- [Work order]
In the following material, identify every line holding the string "fill" and return it.
Start of Data to use
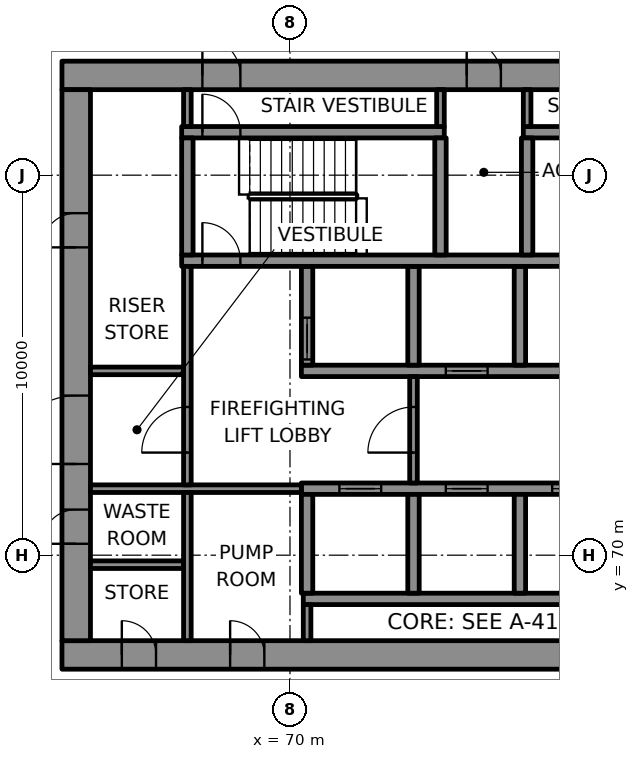
"""IFC4 building model, lengths in metres.
Left out: names, types, materials, properties, quantities, classifications, styles, units other than length and angle.
Written with IfcOpenShell. Run it as: python <this file> out.ifc"""

import sys

from ifc_helpers import new_model, si_unit, direction, frame, frame_2d, origin, place, context, subcontext, project, spatial, rectangle, extrude, element, fill, save


model = new_model("IFC4")
c1 = context("Model", 3, precision=1e-05, world=origin(), true_north=direction((0.0, 1.0)))
c2 = subcontext(c1, "Body", "Model", "MODEL_VIEW")
j1 = project(units=[si_unit("LENGTHUNIT", "METRE"), si_unit("PLANEANGLEUNIT", "RADIAN")], contexts=[c1])
p1 = place(None, origin())
s1 = spatial("IfcSite", under=j1, at=p1, CompositionType="ELEMENT")
p2 = place(p1, origin())
s2 = spatial("IfcBuilding", under=s1, at=p2, CompositionType="ELEMENT")
p3 = place(p2, frame((0.0, 0.0, 183.1)))
s3 = spatial("IfcBuildingStorey", under=s2, at=p3, CompositionType="ELEMENT", Elevation=183.1)
p4 = place(p3, frame((64.0, 67.375, 0.0), z_axis=(0.0, 0.0, 1.0), x_axis=(1.0, 0.0, 0.0)))
e1 = element("IfcWall", 1, at=p4, inside=s3, PredefinedType="SHEAR", context=c2, shape_type="SweptSolid", body=[
    extrude(rectangle(XDim=22.0, YDim=0.75, at=frame_2d((11.0, 0.0))), origin(), (0.0, 0.0, 1.0), 3.7),
])
p5 = place(p4, frame((1.575, 0.0, 0.0)))
e2 = element("IfcOpeningElement", 2, at=p5, cuts=e1, PredefinedType="OPENING", context=c2, shape_type="SweptSolid", body=[
    extrude(rectangle(XDim=0.9, YDim=2.1, at=frame_2d((0.45, 1.05))), frame((0.0, 0.385, 0.0), z_axis=(0.0, -1.0, 0.0), x_axis=(1.0, 0.0, 0.0)), (0.0, 0.0, 1.0), 0.77),
])
p6 = place(p4, frame((4.425, 0.0, 0.0)))
e3 = element("IfcOpeningElement", 3, at=p6, cuts=e1, PredefinedType="OPENING", context=c2, shape_type="SweptSolid", body=[
    extrude(rectangle(XDim=0.9, YDim=2.1, at=frame_2d((0.45, 1.05))), frame((0.0, 0.385, 0.0), z_axis=(0.0, -1.0, 0.0), x_axis=(1.0, 0.0, 0.0)), (0.0, 0.0, 1.0), 0.77),
])
p7 = place(p3, frame((64.0, 82.625, 0.0), z_axis=(0.0, 0.0, 1.0), x_axis=(1.0, 0.0, 0.0)))
e4 = element("IfcWall", 4, at=p7, inside=s3, PredefinedType="SHEAR", context=c2, shape_type="SweptSolid", body=[
    extrude(rectangle(XDim=22.0, YDim=0.75, at=frame_2d((11.0, 0.0))), origin(), (0.0, 0.0, 1.0), 3.7),
])
p8 = place(p7, frame((3.695, 0.0, 0.0)))
e5 = element("IfcOpeningElement", 5, at=p8, cuts=e4, PredefinedType="OPENING", context=c2, shape_type="SweptSolid", body=[
    extrude(rectangle(XDim=1.0, YDim=2.1, at=frame_2d((0.5, 1.05))), frame((0.0, 0.385, 0.0), z_axis=(0.0, -1.0, 0.0), x_axis=(1.0, 0.0, 0.0)), (0.0, 0.0, 1.0), 0.77),
])
p9 = place(p7, frame((17.505, 0.0, 0.0)))
e6 = element("IfcOpeningElement", 6, at=p9, cuts=e4, PredefinedType="OPENING", context=c2, shape_type="SweptSolid", body=[
    extrude(rectangle(XDim=1.0, YDim=2.1, at=frame_2d((0.5, 1.05))), frame((0.0, 0.385, 0.0), z_axis=(0.0, -1.0, 0.0), x_axis=(1.0, 0.0, 0.0)), (0.0, 0.0, 1.0), 0.77),
])
p10 = place(p7, frame((10.65, 0.0, 0.0)))
e7 = element("IfcOpeningElement", 7, at=p10, cuts=e4, PredefinedType="OPENING", context=c2, shape_type="SweptSolid", body=[
    extrude(rectangle(XDim=0.9, YDim=2.1, at=frame_2d((0.45, 1.05))), frame((0.0, 0.385, 0.0), z_axis=(0.0, -1.0, 0.0), x_axis=(1.0, 0.0, 0.0)), (0.0, 0.0, 1.0), 0.77),
])
p11 = place(p3, frame((64.375, 67.75, 0.0), z_axis=(0.0, 0.0, 1.0), x_axis=(0.0, 1.0, 0.0)))
e8 = element("IfcWall", 8, at=p11, inside=s3, PredefinedType="SHEAR", context=c2, shape_type="SweptSolid", body=[
    extrude(rectangle(XDim=14.5, YDim=0.75, at=frame_2d((7.25, 0.0))), origin(), (0.0, 0.0, 1.0), 3.7),
])
p12 = place(p11, frame((4.65, 0.0, 0.0)))
e9 = element("IfcOpeningElement", 9, at=p12, cuts=e8, PredefinedType="OPENING", context=c2, shape_type="SweptSolid", body=[
    extrude(rectangle(XDim=1.8, YDim=2.1, at=frame_2d((0.9, 1.05))), frame((0.0, 0.385, 0.0), z_axis=(0.0, -1.0, 0.0), x_axis=(1.0, 0.0, 0.0)), (0.0, 0.0, 1.0), 0.77),
])
p13 = place(p11, frame((2.55, 0.0, 0.0)))
e10 = element("IfcOpeningElement", 10, at=p13, cuts=e8, PredefinedType="OPENING", context=c2, shape_type="SweptSolid", body=[
    extrude(rectangle(XDim=0.9, YDim=2.1, at=frame_2d((0.45, 1.05))), frame((0.0, 0.385, 0.0), z_axis=(0.0, -1.0, 0.0), x_axis=(1.0, 0.0, 0.0)), (0.0, 0.0, 1.0), 0.77),
])
p14 = place(p11, frame((10.35, 0.0, 0.0)))
e11 = element("IfcOpeningElement", 11, at=p14, cuts=e8, PredefinedType="OPENING", context=c2, shape_type="SweptSolid", body=[
    extrude(rectangle(XDim=0.9, YDim=2.1, at=frame_2d((0.45, 1.05))), frame((0.0, 0.385, 0.0), z_axis=(0.0, -1.0, 0.0), x_axis=(1.0, 0.0, 0.0)), (0.0, 0.0, 1.0), 0.77),
])
p15 = place(p3, frame((70.35, 68.85, 0.0), z_axis=(0.0, 0.0, 1.0), x_axis=(1.0, 0.0, 0.0)))
e12 = element("IfcWall", 12, at=p15, inside=s3, PredefinedType="SHEAR", context=c2, shape_type="SweptSolid", body=[
    extrude(rectangle(XDim=14.2, YDim=0.3, at=frame_2d((7.1, 0.0))), origin(), (0.0, 0.0, 1.0), 3.7),
])
p16 = place(p3, frame((70.3, 71.75, 0.0), z_axis=(0.0, 0.0, 1.0), x_axis=(1.0, 0.0, 0.0)))
e13 = element("IfcWall", 13, at=p16, inside=s3, PredefinedType="SHEAR", context=c2, shape_type="SweptSolid", body=[
    extrude(rectangle(XDim=14.3, YDim=0.3, at=frame_2d((7.15, 0.0))), origin(), (0.0, 0.0, 1.0), 3.7),
])
p17 = place(p16, frame((1.0, 0.0, 0.0)))
e14 = element("IfcOpeningElement", 14, at=p17, cuts=e13, PredefinedType="OPENING", context=c2, shape_type="SweptSolid", body=[
    extrude(rectangle(XDim=1.1, YDim=2.1, at=frame_2d((0.55, 1.05))), frame((0.0, 0.16, 0.0), z_axis=(0.0, -1.0, 0.0), x_axis=(1.0, 0.0, 0.0)), (0.0, 0.0, 1.0), 0.32),
])
p18 = place(p16, frame((3.8, 0.0, 0.0)))
e15 = element("IfcOpeningElement", 15, at=p18, cuts=e13, PredefinedType="OPENING", context=c2, shape_type="SweptSolid", body=[
    extrude(rectangle(XDim=1.1, YDim=2.1, at=frame_2d((0.55, 1.05))), frame((0.0, 0.16, 0.0), z_axis=(0.0, -1.0, 0.0), x_axis=(1.0, 0.0, 0.0)), (0.0, 0.0, 1.0), 0.32),
])
p19 = place(p16, frame((6.6, 0.0, 0.0)))
e16 = element("IfcOpeningElement", 16, at=p19, cuts=e13, PredefinedType="OPENING", context=c2, shape_type="SweptSolid", body=[
    extrude(rectangle(XDim=1.1, YDim=2.1, at=frame_2d((0.55, 1.05))), frame((0.0, 0.16, 0.0), z_axis=(0.0, -1.0, 0.0), x_axis=(1.0, 0.0, 0.0)), (0.0, 0.0, 1.0), 0.32),
])
p20 = place(p16, frame((9.4, 0.0, 0.0)))
e17 = element("IfcOpeningElement", 17, at=p20, cuts=e13, PredefinedType="OPENING", context=c2, shape_type="SweptSolid", body=[
    extrude(rectangle(XDim=1.1, YDim=2.1, at=frame_2d((0.55, 1.05))), frame((0.0, 0.16, 0.0), z_axis=(0.0, -1.0, 0.0), x_axis=(1.0, 0.0, 0.0)), (0.0, 0.0, 1.0), 0.32),
])
p21 = place(p16, frame((12.2, 0.0, 0.0)))
e18 = element("IfcOpeningElement", 18, at=p21, cuts=e13, PredefinedType="OPENING", context=c2, shape_type="SweptSolid", body=[
    extrude(rectangle(XDim=1.1, YDim=2.1, at=frame_2d((0.55, 1.05))), frame((0.0, 0.16, 0.0), z_axis=(0.0, -1.0, 0.0), x_axis=(1.0, 0.0, 0.0)), (0.0, 0.0, 1.0), 0.32),
])
p22 = place(p3, frame((70.3, 74.85, 0.0), z_axis=(0.0, 0.0, 1.0), x_axis=(1.0, 0.0, 0.0)))
e19 = element("IfcWall", 19, at=p22, inside=s3, PredefinedType="SHEAR", context=c2, shape_type="SweptSolid", body=[
    extrude(rectangle(XDim=14.3, YDim=0.3, at=frame_2d((7.15, 0.0))), origin(), (0.0, 0.0, 1.0), 3.7),
])
p23 = place(p22, frame((3.8, 0.0, 0.0)))
e20 = element("IfcOpeningElement", 20, at=p23, cuts=e19, PredefinedType="OPENING", context=c2, shape_type="SweptSolid", body=[
    extrude(rectangle(XDim=1.1, YDim=2.1, at=frame_2d((0.55, 1.05))), frame((0.0, 0.16, 0.0), z_axis=(0.0, -1.0, 0.0), x_axis=(1.0, 0.0, 0.0)), (0.0, 0.0, 1.0), 0.32),
])
p24 = place(p22, frame((12.2, 0.0, 0.0)))
e21 = element("IfcOpeningElement", 21, at=p24, cuts=e19, PredefinedType="OPENING", context=c2, shape_type="SweptSolid", body=[
    extrude(rectangle(XDim=1.1, YDim=2.1, at=frame_2d((0.55, 1.05))), frame((0.0, 0.16, 0.0), z_axis=(0.0, -1.0, 0.0), x_axis=(1.0, 0.0, 0.0)), (0.0, 0.0, 1.0), 0.32),
])
p25 = place(p3, frame((70.45, 69.0, 0.0), z_axis=(0.0, 0.0, 1.0), x_axis=(0.0, 1.0, 0.0)))
e22 = element("IfcWall", 22, at=p25, inside=s3, PredefinedType="SHEAR", context=c2, shape_type="SweptSolid", body=[
    extrude(rectangle(XDim=2.6, YDim=0.3, at=frame_2d((1.3, 0.0))), origin(), (0.0, 0.0, 1.0), 3.7),
])
p26 = place(p3, frame((70.45, 75.0, 0.0), z_axis=(0.0, 0.0, 1.0), x_axis=(0.0, 1.0, 0.0)))
e23 = element("IfcWall", 23, at=p26, inside=s3, PredefinedType="SHEAR", context=c2, shape_type="SweptSolid", body=[
    extrude(rectangle(XDim=2.6, YDim=0.3, at=frame_2d((1.3, 0.0))), origin(), (0.0, 0.0, 1.0), 3.7),
])
p27 = place(p26, frame((0.15, 0.0, 0.0)))
e24 = element("IfcOpeningElement", 24, at=p27, cuts=e23, PredefinedType="OPENING", context=c2, shape_type="SweptSolid", body=[
    extrude(rectangle(XDim=1.1, YDim=2.1, at=frame_2d((0.55, 1.05))), frame((0.0, 0.16, 0.0), z_axis=(0.0, -1.0, 0.0), x_axis=(1.0, 0.0, 0.0)), (0.0, 0.0, 1.0), 0.32),
])
for number, where, z_axis, x_axis in (
    (25, (73.25, 69.0, 0.0), (0.0, 0.0, 1.0), (0.0, 1.0, 0.0)),
    (26, (73.25, 75.0, 0.0), (0.0, 0.0, 1.0), (0.0, 1.0, 0.0)),
    (27, (76.05, 69.0, 0.0), (0.0, 0.0, 1.0), (0.0, 1.0, 0.0)),
    (28, (76.05, 75.0, 0.0), (0.0, 0.0, 1.0), (0.0, 1.0, 0.0)),
):
    element("IfcWall", number, at=place(p3, frame(where, z_axis=z_axis, x_axis=x_axis)), inside=s3, PredefinedType="SHEAR", context=c2, shape_type="SweptSolid", body=[
        extrude(rectangle(XDim=2.6, YDim=0.3, at=frame_2d((1.3, 0.0))), origin(), (0.0, 0.0, 1.0), 3.7),
    ])
p28 = place(p3, frame((67.15, 77.75, 0.0), z_axis=(0.0, 0.0, 1.0), x_axis=(1.0, 0.0, 0.0)))
e29 = element("IfcWall", 29, at=p28, inside=s3, PredefinedType="SHEAR", context=c2, shape_type="SweptSolid", body=[
    extrude(rectangle(XDim=17.45, YDim=0.3, at=frame_2d((8.725, 0.0))), origin(), (0.0, 0.0, 1.0), 3.7),
])
p29 = place(p28, frame((0.545, 0.0, 0.0)))
e30 = element("IfcOpeningElement", 30, at=p29, cuts=e29, PredefinedType="OPENING", context=c2, shape_type="SweptSolid", body=[
    extrude(rectangle(XDim=1.0, YDim=2.1, at=frame_2d((0.5, 1.05))), frame((0.0, 0.16, 0.0), z_axis=(0.0, -1.0, 0.0), x_axis=(1.0, 0.0, 0.0)), (0.0, 0.0, 1.0), 0.32),
])
p30 = place(p3, frame((67.15, 81.13, 0.0), z_axis=(0.0, 0.0, 1.0), x_axis=(1.0, 0.0, 0.0)))
e31 = element("IfcWall", 31, at=p30, inside=s3, PredefinedType="SHEAR", context=c2, shape_type="SweptSolid", body=[
    extrude(rectangle(XDim=6.91, YDim=0.3, at=frame_2d((3.455, 0.0))), origin(), (0.0, 0.0, 1.0), 3.7),
])
p31 = place(p30, frame((0.545, 0.0, 0.0)))
e32 = element("IfcOpeningElement", 32, at=p31, cuts=e31, PredefinedType="OPENING", context=c2, shape_type="SweptSolid", body=[
    extrude(rectangle(XDim=1.0, YDim=2.1, at=frame_2d((0.5, 1.05))), frame((0.0, 0.16, 0.0), z_axis=(0.0, -1.0, 0.0), x_axis=(1.0, 0.0, 0.0)), (0.0, 0.0, 1.0), 0.32),
])
p32 = place(p3, frame((76.14, 81.13, 0.0), z_axis=(0.0, 0.0, 1.0), x_axis=(1.0, 0.0, 0.0)))
e33 = element("IfcWall", 33, at=p32, inside=s3, PredefinedType="SHEAR", context=c2, shape_type="SweptSolid", body=[
    extrude(rectangle(XDim=6.86, YDim=0.3, at=frame_2d((3.43, 0.0))), origin(), (0.0, 0.0, 1.0), 3.7),
])
p33 = place(p32, frame((5.365, 0.0, 0.0)))
e34 = element("IfcOpeningElement", 34, at=p33, cuts=e33, PredefinedType="OPENING", context=c2, shape_type="SweptSolid", body=[
    extrude(rectangle(XDim=1.0, YDim=2.1, at=frame_2d((0.5, 1.05))), frame((0.0, 0.16, 0.0), z_axis=(0.0, -1.0, 0.0), x_axis=(1.0, 0.0, 0.0)), (0.0, 0.0, 1.0), 0.32),
])
for number, where, z_axis, x_axis in (
    (35, (67.3, 77.9, 0.0), (0.0, 0.0, 1.0), (0.0, 1.0, 0.0)),
    (36, (73.96, 77.9, 0.0), (0.0, 0.0, 1.0), (0.0, 1.0, 0.0)),
    (37, (76.24, 77.9, 0.0), (0.0, 0.0, 1.0), (0.0, 1.0, 0.0)),
):
    element("IfcWall", number, at=place(p3, frame(where, z_axis=z_axis, x_axis=x_axis)), inside=s3, PredefinedType="SHEAR", context=c2, shape_type="SweptSolid", body=[
        extrude(rectangle(XDim=3.08, YDim=0.3, at=frame_2d((1.54, 0.0))), origin(), (0.0, 0.0, 1.0), 3.7),
    ])
p34 = place(p3, frame((64.75, 69.75, 0.0), z_axis=(0.0, 0.0, 1.0), x_axis=(1.0, 0.0, 0.0)))
e38 = element("IfcWall", 38, at=p34, inside=s3, PredefinedType="PARTITIONING", context=c2, shape_type="SweptSolid", body=[
    extrude(rectangle(XDim=2.45, YDim=0.2, at=frame_2d((1.225, 0.0))), origin(), (0.0, 0.0, 1.0), 3.7),
])
p35 = place(p3, frame((64.75, 71.75, 0.0), z_axis=(0.0, 0.0, 1.0), x_axis=(1.0, 0.0, 0.0)))
e39 = element("IfcWall", 39, at=p35, inside=s3, PredefinedType="PARTITIONING", context=c2, shape_type="SweptSolid", body=[
    extrude(rectangle(XDim=5.55, YDim=0.2, at=frame_2d((2.775, 0.0))), origin(), (0.0, 0.0, 1.0), 3.7),
])
p36 = place(p3, frame((64.75, 74.85, 0.0), z_axis=(0.0, 0.0, 1.0), x_axis=(1.0, 0.0, 0.0)))
e40 = element("IfcWall", 40, at=p36, inside=s3, PredefinedType="PARTITIONING", context=c2, shape_type="SweptSolid", body=[
    extrude(rectangle(XDim=2.45, YDim=0.2, at=frame_2d((1.225, 0.0))), origin(), (0.0, 0.0, 1.0), 3.7),
])
p37 = place(p3, frame((67.3, 67.75, 0.0), z_axis=(0.0, 0.0, 1.0), x_axis=(0.0, 1.0, 0.0)))
e41 = element("IfcWall", 41, at=p37, inside=s3, PredefinedType="PARTITIONING", context=c2, shape_type="SweptSolid", body=[
    extrude(rectangle(XDim=3.9, YDim=0.2, at=frame_2d((1.95, 0.0))), origin(), (0.0, 0.0, 1.0), 3.7),
])
p38 = place(p3, frame((67.3, 71.85, 0.0), z_axis=(0.0, 0.0, 1.0), x_axis=(0.0, 1.0, 0.0)))
e42 = element("IfcWall", 42, at=p38, inside=s3, PredefinedType="PARTITIONING", context=c2, shape_type="SweptSolid", body=[
    extrude(rectangle(XDim=5.75, YDim=0.2, at=frame_2d((2.875, 0.0))), origin(), (0.0, 0.0, 1.0), 3.7),
])
p39 = place(p38, frame((0.85, 0.0, 0.0)))
e43 = element("IfcOpeningElement", 43, at=p39, cuts=e42, PredefinedType="OPENING", context=c2, shape_type="SweptSolid", body=[
    extrude(rectangle(XDim=1.2, YDim=2.1, at=frame_2d((0.6, 1.05))), frame((0.0, 0.11, 0.0), z_axis=(0.0, -1.0, 0.0), x_axis=(1.0, 0.0, 0.0)), (0.0, 0.0, 1.0), 0.22),
])
p40 = place(p3, frame((67.3, 81.28, 0.0), z_axis=(0.0, 0.0, 1.0), x_axis=(0.0, 1.0, 0.0)))
e44 = element("IfcWall", 44, at=p40, inside=s3, PredefinedType="PARTITIONING", context=c2, shape_type="SweptSolid", body=[
    extrude(rectangle(XDim=0.97, YDim=0.2, at=frame_2d((0.485, 0.0))), origin(), (0.0, 0.0, 1.0), 3.7),
])
p41 = place(p3, frame((70.45, 67.75, 0.0), z_axis=(0.0, 0.0, 1.0), x_axis=(0.0, 1.0, 0.0)))
e45 = element("IfcWall", 45, at=p41, inside=s3, PredefinedType="PARTITIONING", context=c2, shape_type="SweptSolid", body=[
    extrude(rectangle(XDim=0.95, YDim=0.2, at=frame_2d((0.475, 0.0))), origin(), (0.0, 0.0, 1.0), 3.7),
])
p42 = place(p3, frame((73.25, 71.9, 0.0), z_axis=(0.0, 0.0, 1.0), x_axis=(0.0, 1.0, 0.0)))
e46 = element("IfcWall", 46, at=p42, inside=s3, PredefinedType="PARTITIONING", context=c2, shape_type="SweptSolid", body=[
    extrude(rectangle(XDim=2.8, YDim=0.2, at=frame_2d((1.4, 0.0))), origin(), (0.0, 0.0, 1.0), 3.7),
])
p43 = place(p42, frame((0.8, 0.0, 0.0)))
e47 = element("IfcOpeningElement", 47, at=p43, cuts=e46, PredefinedType="OPENING", context=c2, shape_type="SweptSolid", body=[
    extrude(rectangle(XDim=1.2, YDim=2.1, at=frame_2d((0.6, 1.05))), frame((0.0, 0.11, 0.0), z_axis=(0.0, -1.0, 0.0), x_axis=(1.0, 0.0, 0.0)), (0.0, 0.0, 1.0), 0.22),
])
for number, where, z_axis, x_axis in (
    (48, (73.96, 81.28, 0.0), (0.0, 0.0, 1.0), (0.0, 1.0, 0.0)),
    (49, (76.24, 81.28, 0.0), (0.0, 0.0, 1.0), (0.0, 1.0, 0.0)),
):
    element("IfcWall", number, at=place(p3, frame(where, z_axis=z_axis, x_axis=x_axis)), inside=s3, PredefinedType="PARTITIONING", context=c2, shape_type="SweptSolid", body=[
        extrude(rectangle(XDim=0.97, YDim=0.2, at=frame_2d((0.485, 0.0))), origin(), (0.0, 0.0, 1.0), 3.7),
    ])
p44 = place(p17, origin())
e50 = element("IfcDoor", 50, at=p44, inside=s3, OperationType="DOUBLE_DOOR_SLIDING", PredefinedType="DOOR", context=c2, shape_type="SweptSolid", body=[
    extrude(rectangle(XDim=1.1, YDim=2.1, at=frame_2d((0.55, 1.05))), frame((0.0, 0.025, 0.0), z_axis=(0.0, -1.0, 0.0), x_axis=(1.0, 0.0, 0.0)), (0.0, 0.0, 1.0), 0.05),
])
fill(e14, e50)
p45 = place(p18, origin())
e51 = element("IfcDoor", 51, at=p45, inside=s3, OperationType="DOUBLE_DOOR_SLIDING", PredefinedType="DOOR", context=c2, shape_type="SweptSolid", body=[
    extrude(rectangle(XDim=1.1, YDim=2.1, at=frame_2d((0.55, 1.05))), frame((0.0, 0.025, 0.0), z_axis=(0.0, -1.0, 0.0), x_axis=(1.0, 0.0, 0.0)), (0.0, 0.0, 1.0), 0.05),
])
fill(e15, e51)
p46 = place(p19, origin())
e52 = element("IfcDoor", 52, at=p46, inside=s3, OperationType="DOUBLE_DOOR_SLIDING", PredefinedType="DOOR", context=c2, shape_type="SweptSolid", body=[
    extrude(rectangle(XDim=1.1, YDim=2.1, at=frame_2d((0.55, 1.05))), frame((0.0, 0.025, 0.0), z_axis=(0.0, -1.0, 0.0), x_axis=(1.0, 0.0, 0.0)), (0.0, 0.0, 1.0), 0.05),
])
fill(e16, e52)
p47 = place(p27, origin())
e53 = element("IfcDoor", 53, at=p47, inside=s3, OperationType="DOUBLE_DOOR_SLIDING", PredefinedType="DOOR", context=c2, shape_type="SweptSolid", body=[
End of Data to use
- [Written answer]
from ifc_helpers import new_model, si_unit, direction, frame, frame_2d, origin, place, context, subcontext, project, spatial, rectangle, extrude, element, fill, save
fill(e14, e50)
fill(e15, e51)
fill(e16, e52)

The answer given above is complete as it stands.